Which lines below mention "SHEAR"? Pick each one out.

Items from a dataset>
····················

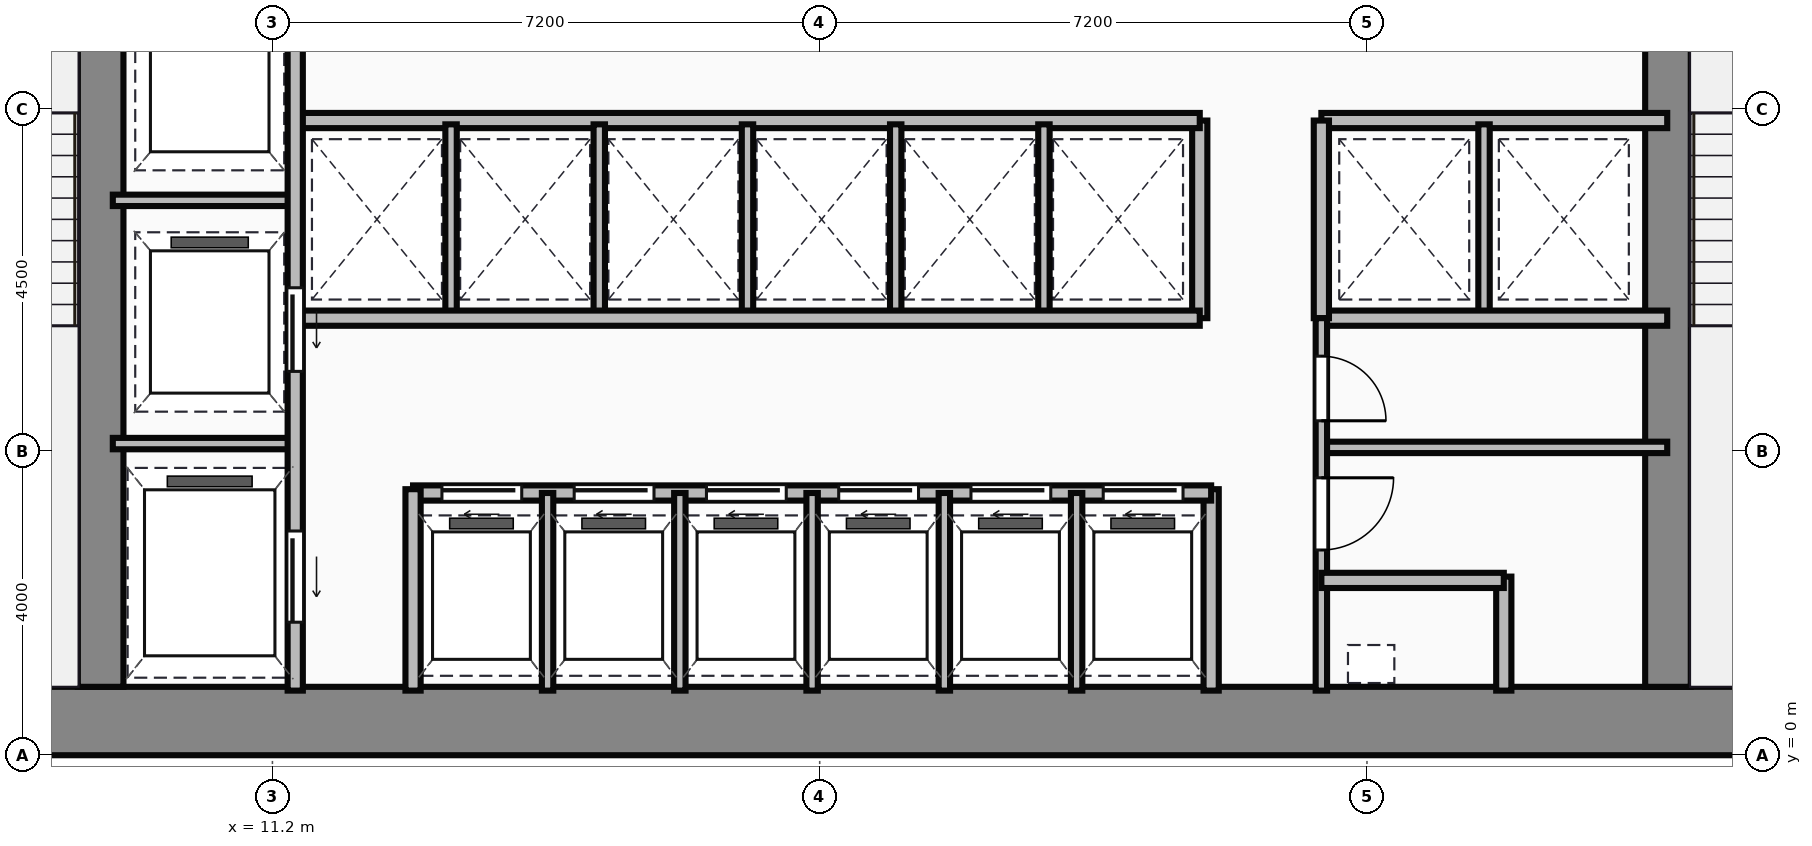
"""IFC4 building model, lengths in metres.
Left out: names, types, materials, properties, quantities, classifications, styles, units other than length and angle.
Written with IfcOpenShell. Run it as: python <this file> out.ifc"""

import sys

from ifc_helpers import new_model, si_unit, direction, frame, frame_2d, origin, place, context, subcontext, project, spatial, rectangle, extrude, source, transform, mapped, element, fill, save


model = new_model("IFC4")
c1 = context("Model", 3, precision=1e-05, world=origin(), true_north=direction((0.0, 1.0)))
c2 = subcontext(c1, "Body", "Model", "MODEL_VIEW")
j1 = project(units=[si_unit("LENGTHUNIT", "METRE"), si_unit("PLANEANGLEUNIT", "RADIAN")], contexts=[c1])
p1 = place(None, origin())
s1 = spatial("IfcSite", under=j1, at=p1, CompositionType="ELEMENT")
p2 = place(p1, origin())
s2 = spatial("IfcBuilding", under=s1, at=p2, CompositionType="ELEMENT")
p3 = place(p2, frame((0.0, 0.0, 54.4)))
s3 = spatial("IfcBuildingStorey", under=s2, at=p3, CompositionType="ELEMENT", Elevation=54.4)
m1 = source(origin(), c2, "Body", "SweptSolid", [
    extrude(rectangle(XDim=29.5, YDim=0.9, at=frame_2d((14.75, 0.0))), origin(), (0.0, 0.0, 1.0), 3.65),
])
p4 = place(p3, frame((4.5, 0.45, 0.0), z_axis=(0.0, 0.0, 1.0), x_axis=(1.0, 0.0, 0.0)))
e1 = element("IfcWall", 1, at=p4, inside=s3, PredefinedType="SHEAR", context=c2, shape_type="MappedRepresentation", body=[
    mapped(m1, transform((0.0, 0.0, 0.0))),
])
m2 = source(origin(), c2, "Body", "SweptSolid", [
    extrude(rectangle(XDim=12.2, YDim=0.6, at=frame_2d((6.1, 0.0))), origin(), (0.0, 0.0, 1.0), 3.65),
])
for number, where, z_axis, x_axis in (
    (2, (8.94, 0.9, 0.0), (0.0, 0.0, 1.0), (0.0, 1.0, 0.0)),
    (3, (29.56, 0.9, 0.0), (0.0, 0.0, 1.0), (0.0, 1.0, 0.0)),
):
    element("IfcWall", number, at=place(p3, frame(where, z_axis=z_axis, x_axis=x_axis)), inside=s3, PredefinedType="SHEAR", context=c2, shape_type="MappedRepresentation", body=[
        mapped(m2, transform((0.0, 0.0, 0.0))),
    ])
m3 = source(origin(), c2, "Body", "SweptSolid", [
    extrude(rectangle(XDim=9.6, YDim=0.2, at=frame_2d((4.8, 0.0))), origin(), (0.0, 0.0, 1.0), 3.4),
])
p5 = place(p3, frame((11.5, 0.85, 0.0), z_axis=(0.0, 0.0, 1.0), x_axis=(0.0, 1.0, 0.0)))
e4 = element("IfcWall", 4, at=p5, inside=s3, PredefinedType="PARTITIONING", context=c2, shape_type="MappedRepresentation", body=[
    mapped(m3, transform((0.0, 0.0, 0.0))),
])
p6 = place(p5, frame((4.2, 0.0, 0.0)))
e5 = element("IfcOpeningElement", 5, at=p6, cuts=e4, PredefinedType="OPENING", context=c2, shape_type="SweptSolid", body=[
    extrude(rectangle(XDim=1.1, YDim=2.15, at=frame_2d((0.55, 1.075))), frame((0.0, 0.11, 0.0), z_axis=(0.0, -1.0, 0.0), x_axis=(1.0, 0.0, 0.0)), (0.0, 0.0, 1.0), 0.22),
])
p7 = place(p5, frame((0.9, 0.0, 0.0)))
e6 = element("IfcOpeningElement", 6, at=p7, cuts=e4, PredefinedType="OPENING", context=c2, shape_type="SweptSolid", body=[
    extrude(rectangle(XDim=1.2, YDim=2.15, at=frame_2d((0.6, 1.075))), frame((0.0, 0.11, 0.0), z_axis=(0.0, -1.0, 0.0), x_axis=(1.0, 0.0, 0.0)), (0.0, 0.0, 1.0), 0.22),
])
m4 = source(origin(), c2, "Body", "SweptSolid", [
    extrude(rectangle(XDim=2.4, YDim=0.15, at=frame_2d((1.2, 0.0))), origin(), (0.0, 0.0, 1.0), 3.4),
])
for number, where, z_axis, x_axis in (
    (7, (9.1, 4.1, 0.0), (0.0, 0.0, 1.0), (1.0, 0.0, 0.0)),
    (8, (9.1, 7.3, 0.0), (0.0, 0.0, 1.0), (1.0, 0.0, 0.0)),
):
    element("IfcWall", number, at=place(p3, frame(where, z_axis=z_axis, x_axis=x_axis)), inside=s3, PredefinedType="PARTITIONING", context=c2, shape_type="MappedRepresentation", body=[
        mapped(m4, transform((0.0, 0.0, 0.0))),
    ])
m5 = source(origin(), c2, "Body", "SweptSolid", [
    extrude(rectangle(XDim=2.65, YDim=0.2, at=frame_2d((1.325, 0.0))), origin(), (0.0, 0.0, 1.0), 3.4),
])
p8 = place(p3, frame((13.05, 0.85, 0.0), z_axis=(0.0, 0.0, 1.0), x_axis=(0.0, 1.0, 0.0)))
e9 = element("IfcWall", 9, at=p8, inside=s3, PredefinedType="PARTITIONING", context=c2, shape_type="MappedRepresentation", body=[
    mapped(m5, transform((0.0, 0.0, 0.0))),
])
m6 = source(origin(), c2, "Body", "SweptSolid", [
    extrude(rectangle(XDim=10.5, YDim=0.2, at=frame_2d((5.25, 0.0))), origin(), (0.0, 0.0, 1.0), 3.4),
])
p9 = place(p3, frame((13.05, 3.45, 0.0), z_axis=(0.0, 0.0, 1.0), x_axis=(1.0, 0.0, 0.0)))
e10 = element("IfcWall", 10, at=p9, inside=s3, PredefinedType="PARTITIONING", context=c2, shape_type="MappedRepresentation", body=[
    mapped(m6, transform((0.0, 0.0, 0.0))),
])
p10 = place(p9, frame((0.38, 0.0, 0.0)))
e11 = element("IfcOpeningElement", 11, at=p10, cuts=e10, PredefinedType="OPENING", context=c2, shape_type="SweptSolid", body=[
    extrude(rectangle(XDim=1.05, YDim=2.15, at=frame_2d((0.525, 1.075))), frame((0.0, 0.11, 0.0), z_axis=(0.0, -1.0, 0.0), x_axis=(1.0, 0.0, 0.0)), (0.0, 0.0, 1.0), 0.22),
])
p11 = place(p9, frame((2.12, 0.0, 0.0)))
e12 = element("IfcOpeningElement", 12, at=p11, cuts=e10, PredefinedType="OPENING", context=c2, shape_type="SweptSolid", body=[
    extrude(rectangle(XDim=1.05, YDim=2.15, at=frame_2d((0.525, 1.075))), frame((0.0, 0.11, 0.0), z_axis=(0.0, -1.0, 0.0), x_axis=(1.0, 0.0, 0.0)), (0.0, 0.0, 1.0), 0.22),
])
p12 = place(p9, frame((3.86, 0.0, 0.0)))
e13 = element("IfcOpeningElement", 13, at=p12, cuts=e10, PredefinedType="OPENING", context=c2, shape_type="SweptSolid", body=[
    extrude(rectangle(XDim=1.05, YDim=2.15, at=frame_2d((0.525, 1.075))), frame((0.0, 0.11, 0.0), z_axis=(0.0, -1.0, 0.0), x_axis=(1.0, 0.0, 0.0)), (0.0, 0.0, 1.0), 0.22),
])
p13 = place(p9, frame((5.6, 0.0, 0.0)))
e14 = element("IfcOpeningElement", 14, at=p13, cuts=e10, PredefinedType="OPENING", context=c2, shape_type="SweptSolid", body=[
    extrude(rectangle(XDim=1.05, YDim=2.15, at=frame_2d((0.525, 1.075))), frame((0.0, 0.11, 0.0), z_axis=(0.0, -1.0, 0.0), x_axis=(1.0, 0.0, 0.0)), (0.0, 0.0, 1.0), 0.22),
])
p14 = place(p9, frame((7.34, 0.0, 0.0)))
e15 = element("IfcOpeningElement", 15, at=p14, cuts=e10, PredefinedType="OPENING", context=c2, shape_type="SweptSolid", body=[
    extrude(rectangle(XDim=1.05, YDim=2.15, at=frame_2d((0.525, 1.075))), frame((0.0, 0.11, 0.0), z_axis=(0.0, -1.0, 0.0), x_axis=(1.0, 0.0, 0.0)), (0.0, 0.0, 1.0), 0.22),
])
p15 = place(p9, frame((9.08, 0.0, 0.0)))
e16 = element("IfcOpeningElement", 16, at=p15, cuts=e10, PredefinedType="OPENING", context=c2, shape_type="SweptSolid", body=[
    extrude(rectangle(XDim=1.05, YDim=2.15, at=frame_2d((0.525, 1.075))), frame((0.0, 0.11, 0.0), z_axis=(0.0, -1.0, 0.0), x_axis=(1.0, 0.0, 0.0)), (0.0, 0.0, 1.0), 0.22),
])
p16 = place(p3, frame((23.55, 0.85, 0.0), z_axis=(0.0, 0.0, 1.0), x_axis=(0.0, 1.0, 0.0)))
e17 = element("IfcWall", 17, at=p16, inside=s3, PredefinedType="PARTITIONING", context=c2, shape_type="MappedRepresentation", body=[
    mapped(m5, transform((0.0, 0.0, 0.0))),
])
m7 = source(origin(), c2, "Body", "SweptSolid", [
    extrude(rectangle(XDim=2.6, YDim=0.15, at=frame_2d((1.3, 0.0))), origin(), (0.0, 0.0, 1.0), 3.4),
])
for number, where, z_axis, x_axis in (
    (18, (14.82, 0.85, 0.0), (0.0, 0.0, 1.0), (0.0, 1.0, 0.0)),
    (19, (16.56, 0.85, 0.0), (0.0, 0.0, 1.0), (0.0, 1.0, 0.0)),
    (20, (18.3, 0.85, 0.0), (0.0, 0.0, 1.0), (0.0, 1.0, 0.0)),
    (21, (20.04, 0.85, 0.0), (0.0, 0.0, 1.0), (0.0, 1.0, 0.0)),
    (22, (21.78, 0.85, 0.0), (0.0, 0.0, 1.0), (0.0, 1.0, 0.0)),
):
    element("IfcWall", number, at=place(p3, frame(where, z_axis=z_axis, x_axis=x_axis)), inside=s3, PredefinedType="PARTITIONING", context=c2, shape_type="MappedRepresentation", body=[
        mapped(m7, transform((0.0, 0.0, 0.0))),
    ])
m8 = source(origin(), c2, "Body", "SweptSolid", [
    extrude(rectangle(XDim=11.85, YDim=0.2, at=frame_2d((5.925, 0.0))), origin(), (0.0, 0.0, 1.0), 3.4),
])
for number, where, z_axis, x_axis in (
    (23, (11.55, 5.75, 0.0), (0.0, 0.0, 1.0), (1.0, 0.0, 0.0)),
    (24, (11.55, 8.35, 0.0), (0.0, 0.0, 1.0), (1.0, 0.0, 0.0)),
):
    element("IfcWall", number, at=place(p3, frame(where, z_axis=z_axis, x_axis=x_axis)), inside=s3, PredefinedType="PARTITIONING", context=c2, shape_type="MappedRepresentation", body=[
        mapped(m8, transform((0.0, 0.0, 0.0))),
    ])
m9 = source(origin(), c2, "Body", "SweptSolid", [
    extrude(rectangle(XDim=2.6, YDim=0.2, at=frame_2d((1.3, 0.0))), origin(), (0.0, 0.0, 1.0), 3.4),
])
p17 = place(p3, frame((23.4, 5.75, 0.0), z_axis=(0.0, 0.0, 1.0), x_axis=(0.0, 1.0, 0.0)))
e25 = element("IfcWall", 25, at=p17, inside=s3, PredefinedType="PARTITIONING", context=c2, shape_type="MappedRepresentation", body=[
    mapped(m9, transform((0.0, 0.0, 0.0))),
])
m10 = source(origin(), c2, "Body", "SweptSolid", [
    extrude(rectangle(XDim=2.5, YDim=0.15, at=frame_2d((1.25, 0.0))), origin(), (0.0, 0.0, 1.0), 3.4),
])
for number, where, z_axis, x_axis in (
    (26, (13.55, 5.8, 0.0), (0.0, 0.0, 1.0), (0.0, 1.0, 0.0)),
    (27, (15.5, 5.8, 0.0), (0.0, 0.0, 1.0), (0.0, 1.0, 0.0)),
    (28, (17.45, 5.8, 0.0), (0.0, 0.0, 1.0), (0.0, 1.0, 0.0)),
    (29, (19.4, 5.8, 0.0), (0.0, 0.0, 1.0), (0.0, 1.0, 0.0)),
    (30, (21.35, 5.8, 0.0), (0.0, 0.0, 1.0), (0.0, 1.0, 0.0)),
):
    element("IfcWall", number, at=place(p3, frame(where, z_axis=z_axis, x_axis=x_axis)), inside=s3, PredefinedType="PARTITIONING", context=c2, shape_type="MappedRepresentation", body=[
        mapped(m10, transform((0.0, 0.0, 0.0))),
    ])
m11 = source(origin(), c2, "Body", "SweptSolid", [
    extrude(rectangle(XDim=4.55, YDim=0.2, at=frame_2d((2.275, 0.0))), origin(), (0.0, 0.0, 1.0), 3.4),
])
for number, where, z_axis, x_axis in (
    (31, (25.0, 8.35, 0.0), (0.0, 0.0, 1.0), (1.0, 0.0, 0.0)),
    (32, (25.0, 5.75, 0.0), (0.0, 0.0, 1.0), (1.0, 0.0, 0.0)),
):
    element("IfcWall", number, at=place(p3, frame(where, z_axis=z_axis, x_axis=x_axis)), inside=s3, PredefinedType="PARTITIONING", context=c2, shape_type="MappedRepresentation", body=[
        mapped(m11, transform((0.0, 0.0, 0.0))),
    ])
p18 = place(p3, frame((25.0, 5.75, 0.0), z_axis=(0.0, 0.0, 1.0), x_axis=(0.0, 1.0, 0.0)))
e33 = element("IfcWall", 33, at=p18, inside=s3, PredefinedType="PARTITIONING", context=c2, shape_type="MappedRepresentation", body=[
    mapped(m9, transform((0.0, 0.0, 0.0))),
])
p19 = place(p3, frame((27.14, 5.8, 0.0), z_axis=(0.0, 0.0, 1.0), x_axis=(0.0, 1.0, 0.0)))
e34 = element("IfcWall", 34, at=p19, inside=s3, PredefinedType="PARTITIONING", context=c2, shape_type="MappedRepresentation", body=[
    mapped(m10, transform((0.0, 0.0, 0.0))),
])
m12 = source(origin(), c2, "Body", "SweptSolid", [
    extrude(rectangle(XDim=4.9, YDim=0.15, at=frame_2d((2.45, 0.0))), origin(), (0.0, 0.0, 1.0), 3.4),
])
p20 = place(p3, frame((25.0, 0.85, 0.0), z_axis=(0.0, 0.0, 1.0), x_axis=(0.0, 1.0, 0.0)))
e35 = element("IfcWall", 35, at=p20, inside=s3, PredefinedType="PARTITIONING", context=c2, shape_type="MappedRepresentation", body=[
    mapped(m12, transform((0.0, 0.0, 0.0))),
])
p21 = place(p20, frame((1.85, 0.0, 0.0)))
e36 = element("IfcOpeningElement", 36, at=p21, cuts=e35, PredefinedType="OPENING", context=c2, shape_type="SweptSolid", body=[
    extrude(rectangle(XDim=0.95, YDim=2.15, at=frame_2d((0.475, 1.075))), frame((0.0, 0.085, 0.0), z_axis=(0.0, -1.0, 0.0), x_axis=(1.0, 0.0, 0.0)), (0.0, 0.0, 1.0), 0.17),
])
p22 = place(p20, frame((3.55, 0.0, 0.0)))
e37 = element("IfcOpeningElement", 37, at=p22, cuts=e35, PredefinedType="OPENING", context=c2, shape_type="SweptSolid", body=[
    extrude(rectangle(XDim=0.85, YDim=2.15, at=frame_2d((0.425, 1.075))), frame((0.0, 0.085, 0.0), z_axis=(0.0, -1.0, 0.0), x_axis=(1.0, 0.0, 0.0)), (0.0, 0.0, 1.0), 0.17),
])
m13 = source(origin(), c2, "Body", "SweptSolid", [
    extrude(rectangle(XDim=2.4, YDim=0.2, at=frame_2d((1.2, 0.0))), origin(), (0.0, 0.0, 1.0), 3.4),
])
p23 = place(p3, frame((25.0, 2.3, 0.0), z_axis=(0.0, 0.0, 1.0), x_axis=(1.0, 0.0, 0.0)))
e38 = element("IfcWall", 38, at=p23, inside=s3, PredefinedType="PARTITIONING", context=c2, shape_type="MappedRepresentation", body=[
    mapped(m13, transform((0.0, 0.0, 0.0))),
])
m14 = source(origin(), c2, "Body", "SweptSolid", [
    extrude(rectangle(XDim=1.5, YDim=0.2, at=frame_2d((0.75, 0.0))), origin(), (0.0, 0.0, 1.0), 3.4),
])
p24 = place(p3, frame((27.4, 0.85, 0.0), z_axis=(0.0, 0.0, 1.0), x_axis=(0.0, 1.0, 0.0)))
e39 = element("IfcWall", 39, at=p24, inside=s3, PredefinedType="PARTITIONING", context=c2, shape_type="MappedRepresentation", body=[
    mapped(m14, transform((0.0, 0.0, 0.0))),
])
m15 = source(origin(), c2, "Body", "SweptSolid", [
    extrude(rectangle(XDim=4.55, YDim=0.15, at=frame_2d((2.275, 0.0))), origin(), (0.0, 0.0, 1.0), 3.4),
])
p25 = place(p3, frame((25.0, 4.05, 0.0), z_axis=(0.0, 0.0, 1.0), x_axis=(1.0, 0.0, 0.0)))
e40 = element("IfcWall", 40, at=p25, inside=s3, PredefinedType="PARTITIONING", context=c2, shape_type="MappedRepresentation", body=[
    mapped(m15, transform((0.0, 0.0, 0.0))),
])
m16 = source(origin(), c2, "Body", "SweptSolid", [
    extrude(rectangle(XDim=1.1, YDim=2.15, at=frame_2d((0.55, 1.075))), frame((0.0, 0.025, 0.0), z_axis=(0.0, -1.0, 0.0), x_axis=(1.0, 0.0, 0.0)), (0.0, 0.0, 1.0), 0.05),
])
p26 = place(p6, frame((1.1, 0.0, 0.0), z_axis=(0.0, 0.0, 1.0), x_axis=(-1.0, 0.0, 0.0)))
e41 = element("IfcDoor", 41, at=p26, inside=s3, OperationType="SLIDING_TO_LEFT", PredefinedType="DOOR", context=c2, shape_type="MappedRepresentation", body=[
    mapped(m16, transform((0.0, 0.0, 0.0))),
])
fill(e5, e41)
m17 = source(origin(), c2, "Body", "SweptSolid", [
    extrude(rectangle(XDim=1.2, YDim=2.15, at=frame_2d((0.6, 1.075))), frame((0.0, 0.025, 0.0), z_axis=(0.0, -1.0, 0.0), x_axis=(1.0, 0.0, 0.0)), (0.0, 0.0, 1.0), 0.05),
])
p27 = place(p7, frame((1.2, 0.0, 0.0), z_axis=(0.0, 0.0, 1.0), x_axis=(-1.0, 0.0, 0.0)))
e42 = element("IfcDoor", 42, at=p27, inside=s3, OperationType="SLIDING_TO_LEFT", PredefinedType="DOOR", context=c2, shape_type="MappedRepresentation", body=[
    mapped(m17, transform((0.0, 0.0, 0.0))),
])
fill(e6, e42)
m18 = source(origin(), c2, "Body", "SweptSolid", [
    extrude(rectangle(XDim=1.05, YDim=2.15, at=frame_2d((0.525, 1.075))), frame((0.0, 0.025, 0.0), z_axis=(0.0, -1.0, 0.0), x_axis=(1.0, 0.0, 0.0)), (0.0, 0.0, 1.0), 0.05),
])
p28 = place(p10, origin())
e43 = element("IfcDoor", 43, at=p28, inside=s3, OperationType="SLIDING_TO_LEFT", PredefinedType="DOOR", context=c2, shape_type="MappedRepresentation", body=[
    mapped(m18, transform((0.0, 0.0, 0.0))),
])
fill(e11, e43)
p29 = place(p11, origin())
e44 = element("IfcDoor", 44, at=p29, inside=s3, OperationType="SLIDING_TO_LEFT", PredefinedType="DOOR", context=c2, shape_type="MappedRepresentation", body=[
    mapped(m18, transform((0.0, 0.0, 0.0))),
])
fill(e12, e44)
p30 = place(p12, origin())
e45 = element("IfcDoor", 45, at=p30, inside=s3, OperationType="SLIDING_TO_LEFT", PredefinedType="DOOR", context=c2, shape_type="MappedRepresentation", body=[
    mapped(m18, transform((0.0, 0.0, 0.0))),
])
fill(e13, e45)
p31 = place(p13, origin())
e46 = element("IfcDoor", 46, at=p31, inside=s3, OperationType="SLIDING_TO_LEFT", PredefinedType="DOOR", context=c2, shape_type="MappedRepresentation", body=[
    mapped(m18, transform((0.0, 0.0, 0.0))),
])
fill(e14, e46)
p32 = place(p14, origin())
e47 = element("IfcDoor", 47, at=p32, inside=s3, OperationType="SLIDING_TO_LEFT", PredefinedType="DOOR", context=c2, shape_type="MappedRepresentation", body=[
    mapped(m18, transform((0.0, 0.0, 0.0))),
])
fill(e15, e47)
p33 = place(p15, origin())
e48 = element("IfcDoor", 48, at=p33, inside=s3, OperationType="SLIDING_TO_LEFT", PredefinedType="DOOR", context=c2, shape_type="MappedRepresentation", body=[
    mapped(m18, transform((0.0, 0.0, 0.0))),
])
fill(e16, e48)
m19 = source(origin(), c2, "Body", "SweptSolid", [
    extrude(rectangle(XDim=0.95, YDim=2.15, at=frame_2d((0.475, 1.075))), frame((0.0, 0.025, 0.0), z_axis=(0.0, -1.0, 0.0), x_axis=(1.0, 0.0, 0.0)), (0.0, 0.0, 1.0), 0.05),
])
p34 = place(p21, origin())
e49 = element("IfcDoor", 49, at=p34, inside=s3, OperationType="SINGLE_SWING_RIGHT", PredefinedType="DOOR", context=c2, shape_type="MappedRepresentation", body=[
    mapped(m19, transform((0.0, 0.0, 0.0))),
])
fill(e36, e49)
m20 = source(origin(), c2, "Body", "SweptSolid", [
    extrude(rectangle(XDim=0.85, YDim=2.15, at=frame_2d((0.425, 1.075))), frame((0.0, 0.025, 0.0), z_axis=(0.0, -1.0, 0.0), x_axis=(1.0, 0.0, 0.0)), (0.0, 0.0, 1.0), 0.05),
])
p35 = place(p22, origin())
e50 = element("IfcDoor", 50, at=p35, inside=s3, OperationType="SINGLE_SWING_LEFT", PredefinedType="DOOR", context=c2, shape_type="MappedRepresentation", body=[
    mapped(m20, transform((0.0, 0.0, 0.0))),
])
fill(e37, e50)
save(model, sys.argv[1])

····················

Answer section>
e1 = element("IfcWall", 1, at=p4, inside=s3, PredefinedType="SHEAR", context=c2, shape_type="MappedRepresentation", body=[
    element("IfcWall", number, at=place(p3, frame(where, z_axis=z_axis, x_axis=x_axis)), inside=s3, PredefinedType="SHEAR", context=c2, shape_type="MappedRepresentation", body=[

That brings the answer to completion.